Return, word for word, only the lines of the data below that lie between the line with "# Parameters (mm, degrees)" and the line with "# 阵列(圆周)1: 切除-拉伸1, 切除-拉伸3 ×4 about axis", those two lines included.
DATA LISTING Block Start
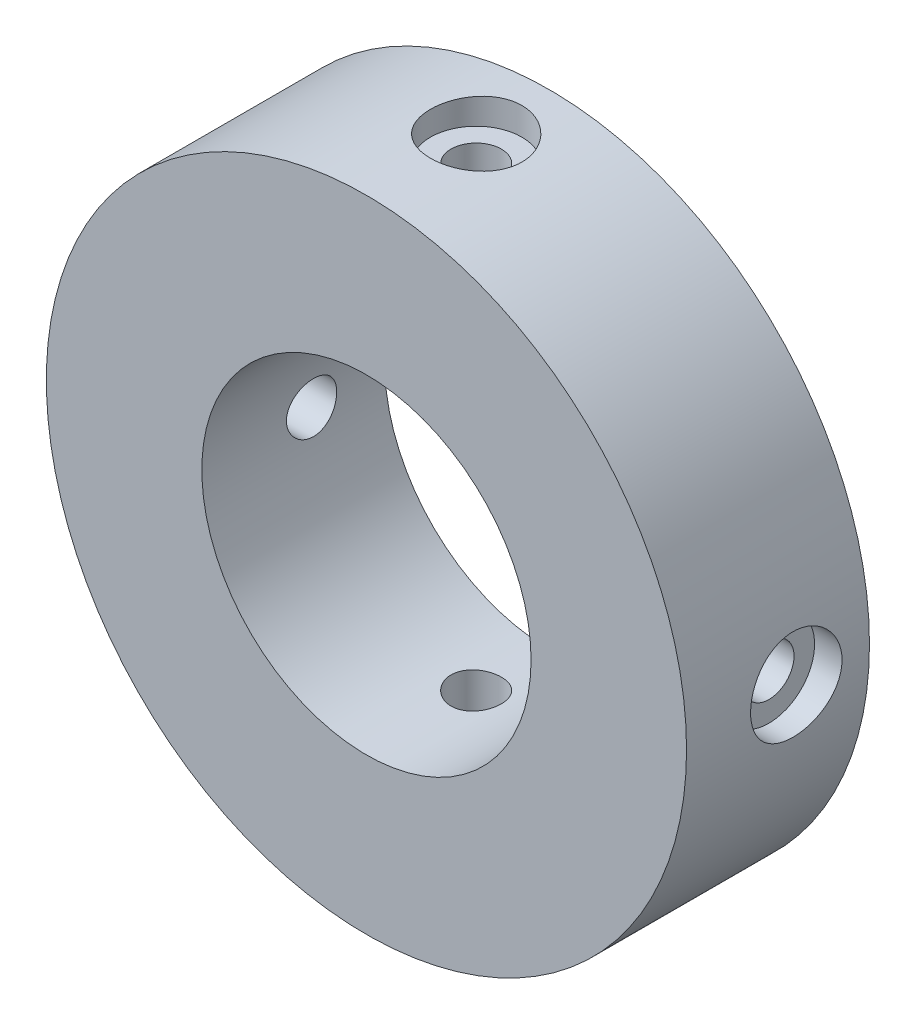
from build123d import *

# Parameters (mm, degrees)
SKETCH_1_R               = 35
SKETCH_1_R_2             = 18
EXTRUDE_1_DEPTH          = 20
SKETCH_5_R               = 2.75
CUT_EXTRUDE_1_DEPTH      = 33
CUT_EXTRUDE_START        = -32
SKETCH_6_R               = 5
CUT_EXTRUDE_3_DEPTH      = 33
PATTERN_CIRCULAR_1_COUNT = 4
PATTERN_CIRCULAR_2_COUNT = 4


with BuildPart() as part:
    # 草图1 → 凸台-拉伸1 (new body)
    with BuildSketch(Plane.XY):
        Circle(SKETCH_1_R)
        Circle(SKETCH_1_R_2, mode=Mode.SUBTRACT)
    extrude(amount=EXTRUDE_1_DEPTH)

    # 草图5 → 切除-拉伸1 (cut)
    with BuildSketch(Plane(origin=(0, 0, 0), x_dir=(1, 0, 0), z_dir=(0, 1, 0))):
        with Locations(Location((0, -8, 0), (0, 0, 270))):
            Circle(SKETCH_5_R)
    cut_extrude_1 = extrude(amount=-CUT_EXTRUDE_1_DEPTH, mode=Mode.SUBTRACT)

    # 草图6 → 切除-拉伸3 (cut)
    with BuildSketch(Plane(origin=(0, 0, 0), x_dir=(1, 0, 0), z_dir=(0, 1, 0)).offset(CUT_EXTRUDE_START)):
        with Locations(Location((0, -8, 0), (0, 0, 270))):
            Circle(SKETCH_6_R)
    cut_extrude_3 = extrude(amount=-CUT_EXTRUDE_3_DEPTH, mode=Mode.SUBTRACT)

    # 阵列(圆周)1: 切除-拉伸1, 切除-拉伸3 ×4 about axis
    pattern_circular_1_axis = Axis((0, 0, 0), (0, 0, 1))
    add([cut_extrude_1.rotate(pattern_circular_1_axis, i * 360 / PATTERN_CIRCULAR_1_COUNT) for i in range(1, PATTERN_CIRCULAR_1_COUNT)], mode=Mode.SUBTRACT)
    add([cut_extrude_3.rotate(pattern_circular_1_axis, i * 360 / PATTERN_CIRCULAR_1_COUNT) for i in range(1, PATTERN_CIRCULAR_1_COUNT)], mode=Mode.SUBTRACT)

    # 草图7 → M4x0.7 螺纹孔1 (revolve, cut)
    with BuildSketch(Plane(origin=(21.213203436, 21.213203436, 0), x_dir=(0, 1, 0), z_dir=(1, 0, 0))):
        Polygon((0, 0), (0, 11.091420021), (1.65, 10.1), (1.65, 0), align=None)
    m4x0_7_1 = revolve(axis=Axis((21.213203436, 21.213203436, -6.35), (0, 0, 1)), mode=Mode.SUBTRACT)

    # 阵列(圆周)2: M4x0.7 螺纹孔1 ×4 about axis
    pattern_circular_2_axis = Axis((0, 0, 0), (0, 0, 1))
    for i in range(1, PATTERN_CIRCULAR_2_COUNT):
        add(m4x0_7_1.rotate(pattern_circular_2_axis, i * 360 / PATTERN_CIRCULAR_2_COUNT), mode=Mode.SUBTRACT)


solid = part.part
DATA LISTING Block End
■ TASK ANSWER ■
# Parameters (mm, degrees)
SKETCH_1_R               = 35
SKETCH_1_R_2             = 18
EXTRUDE_1_DEPTH          = 20
SKETCH_5_R               = 2.75
CUT_EXTRUDE_1_DEPTH      = 33
CUT_EXTRUDE_START        = -32
SKETCH_6_R               = 5
CUT_EXTRUDE_3_DEPTH      = 33
PATTERN_CIRCULAR_1_COUNT = 4
PATTERN_CIRCULAR_2_COUNT = 4


with BuildPart() as part:
    # 草图1 → 凸台-拉伸1 (new body)
    with BuildSketch(Plane.XY):
        Circle(SKETCH_1_R)
        Circle(SKETCH_1_R_2, mode=Mode.SUBTRACT)
    extrude(amount=EXTRUDE_1_DEPTH)

    # 草图5 → 切除-拉伸1 (cut)
    with BuildSketch(Plane(origin=(0, 0, 0), x_dir=(1, 0, 0), z_dir=(0, 1, 0))):
        with Locations(Location((0, -8, 0), (0, 0, 270))):
            Circle(SKETCH_5_R)
    cut_extrude_1 = extrude(amount=-CUT_EXTRUDE_1_DEPTH, mode=Mode.SUBTRACT)

    # 草图6 → 切除-拉伸3 (cut)
    with BuildSketch(Plane(origin=(0, 0, 0), x_dir=(1, 0, 0), z_dir=(0, 1, 0)).offset(CUT_EXTRUDE_START)):
        with Locations(Location((0, -8, 0), (0, 0, 270))):
            Circle(SKETCH_6_R)
    cut_extrude_3 = extrude(amount=-CUT_EXTRUDE_3_DEPTH, mode=Mode.SUBTRACT)

    # 阵列(圆周)1: 切除-拉伸1, 切除-拉伸3 ×4 about axis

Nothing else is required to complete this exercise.